- [Exercise brief]
Below are records. Find each line in them that holds the word "BuildSketch" and copy it.

[Extracted data entries]

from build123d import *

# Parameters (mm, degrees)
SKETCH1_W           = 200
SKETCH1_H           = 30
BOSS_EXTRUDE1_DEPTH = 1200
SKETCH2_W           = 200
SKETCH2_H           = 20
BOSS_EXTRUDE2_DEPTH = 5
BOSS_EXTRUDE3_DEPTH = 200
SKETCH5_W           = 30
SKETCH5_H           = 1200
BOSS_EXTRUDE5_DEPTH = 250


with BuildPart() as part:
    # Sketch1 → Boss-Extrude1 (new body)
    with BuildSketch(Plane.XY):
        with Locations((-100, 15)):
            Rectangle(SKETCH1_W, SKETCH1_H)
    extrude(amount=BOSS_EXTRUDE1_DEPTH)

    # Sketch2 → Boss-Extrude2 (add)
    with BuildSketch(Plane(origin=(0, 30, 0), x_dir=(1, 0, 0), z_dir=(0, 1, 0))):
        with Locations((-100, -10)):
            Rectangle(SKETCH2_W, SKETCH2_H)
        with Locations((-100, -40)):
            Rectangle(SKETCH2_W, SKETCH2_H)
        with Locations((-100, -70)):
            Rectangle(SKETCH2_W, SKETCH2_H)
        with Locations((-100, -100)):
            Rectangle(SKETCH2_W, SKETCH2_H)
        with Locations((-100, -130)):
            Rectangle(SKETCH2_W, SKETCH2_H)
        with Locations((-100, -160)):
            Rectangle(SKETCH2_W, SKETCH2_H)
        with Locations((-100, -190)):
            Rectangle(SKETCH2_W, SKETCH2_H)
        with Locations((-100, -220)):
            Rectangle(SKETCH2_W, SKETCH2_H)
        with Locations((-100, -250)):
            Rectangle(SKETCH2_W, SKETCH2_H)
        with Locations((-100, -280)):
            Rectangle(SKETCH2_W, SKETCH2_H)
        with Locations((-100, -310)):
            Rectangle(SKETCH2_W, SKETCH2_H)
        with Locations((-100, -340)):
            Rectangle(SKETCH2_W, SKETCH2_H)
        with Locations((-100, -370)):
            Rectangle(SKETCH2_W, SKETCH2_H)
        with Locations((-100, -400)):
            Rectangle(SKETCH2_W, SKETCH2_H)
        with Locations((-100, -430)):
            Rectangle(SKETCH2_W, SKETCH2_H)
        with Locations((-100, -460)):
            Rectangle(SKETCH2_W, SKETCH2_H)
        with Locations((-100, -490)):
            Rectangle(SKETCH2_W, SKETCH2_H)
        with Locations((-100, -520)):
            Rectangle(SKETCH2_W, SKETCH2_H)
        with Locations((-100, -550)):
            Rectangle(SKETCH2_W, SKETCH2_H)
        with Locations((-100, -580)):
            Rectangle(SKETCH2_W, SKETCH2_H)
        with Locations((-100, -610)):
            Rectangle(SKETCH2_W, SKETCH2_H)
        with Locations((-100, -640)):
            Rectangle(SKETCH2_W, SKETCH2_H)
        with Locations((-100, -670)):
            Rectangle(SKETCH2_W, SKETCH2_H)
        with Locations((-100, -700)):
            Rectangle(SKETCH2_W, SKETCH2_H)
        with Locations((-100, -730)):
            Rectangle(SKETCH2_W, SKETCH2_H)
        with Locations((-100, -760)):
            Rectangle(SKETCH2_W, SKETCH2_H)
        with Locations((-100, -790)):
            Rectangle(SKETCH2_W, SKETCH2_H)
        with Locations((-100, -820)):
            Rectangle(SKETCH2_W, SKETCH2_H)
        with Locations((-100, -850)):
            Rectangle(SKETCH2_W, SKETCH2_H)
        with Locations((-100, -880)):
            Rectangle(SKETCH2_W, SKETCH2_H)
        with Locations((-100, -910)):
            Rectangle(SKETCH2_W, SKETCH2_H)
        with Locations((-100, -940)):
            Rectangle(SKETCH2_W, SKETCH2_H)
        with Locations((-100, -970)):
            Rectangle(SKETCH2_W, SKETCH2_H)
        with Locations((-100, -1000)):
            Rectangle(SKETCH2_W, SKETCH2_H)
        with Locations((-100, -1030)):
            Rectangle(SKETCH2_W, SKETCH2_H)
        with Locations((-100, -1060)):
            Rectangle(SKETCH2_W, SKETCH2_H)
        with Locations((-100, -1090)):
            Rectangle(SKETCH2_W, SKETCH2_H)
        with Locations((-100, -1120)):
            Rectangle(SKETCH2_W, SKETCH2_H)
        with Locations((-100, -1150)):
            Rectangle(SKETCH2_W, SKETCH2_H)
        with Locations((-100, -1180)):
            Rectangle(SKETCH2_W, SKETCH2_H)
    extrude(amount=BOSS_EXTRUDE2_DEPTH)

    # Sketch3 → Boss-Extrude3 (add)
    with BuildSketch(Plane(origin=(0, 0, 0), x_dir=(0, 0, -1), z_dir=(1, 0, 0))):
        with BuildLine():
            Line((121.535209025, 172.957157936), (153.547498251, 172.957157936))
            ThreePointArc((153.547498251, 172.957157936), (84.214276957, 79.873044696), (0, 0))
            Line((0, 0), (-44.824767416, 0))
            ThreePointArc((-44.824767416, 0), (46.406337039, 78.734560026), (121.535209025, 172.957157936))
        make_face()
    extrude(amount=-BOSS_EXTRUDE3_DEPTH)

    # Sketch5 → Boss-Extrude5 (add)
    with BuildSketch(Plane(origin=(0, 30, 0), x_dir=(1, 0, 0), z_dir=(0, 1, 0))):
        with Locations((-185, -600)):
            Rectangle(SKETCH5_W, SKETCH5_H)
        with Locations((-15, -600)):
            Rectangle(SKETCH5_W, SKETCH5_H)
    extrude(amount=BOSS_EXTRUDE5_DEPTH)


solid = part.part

- [Response below]
    with BuildSketch(Plane.XY):
    with BuildSketch(Plane(origin=(0, 30, 0), x_dir=(1, 0, 0), z_dir=(0, 1, 0))):
    with BuildSketch(Plane(origin=(0, 0, 0), x_dir=(0, 0, -1), z_dir=(1, 0, 0))):
    with BuildSketch(Plane(origin=(0, 30, 0), x_dir=(1, 0, 0), z_dir=(0, 1, 0))):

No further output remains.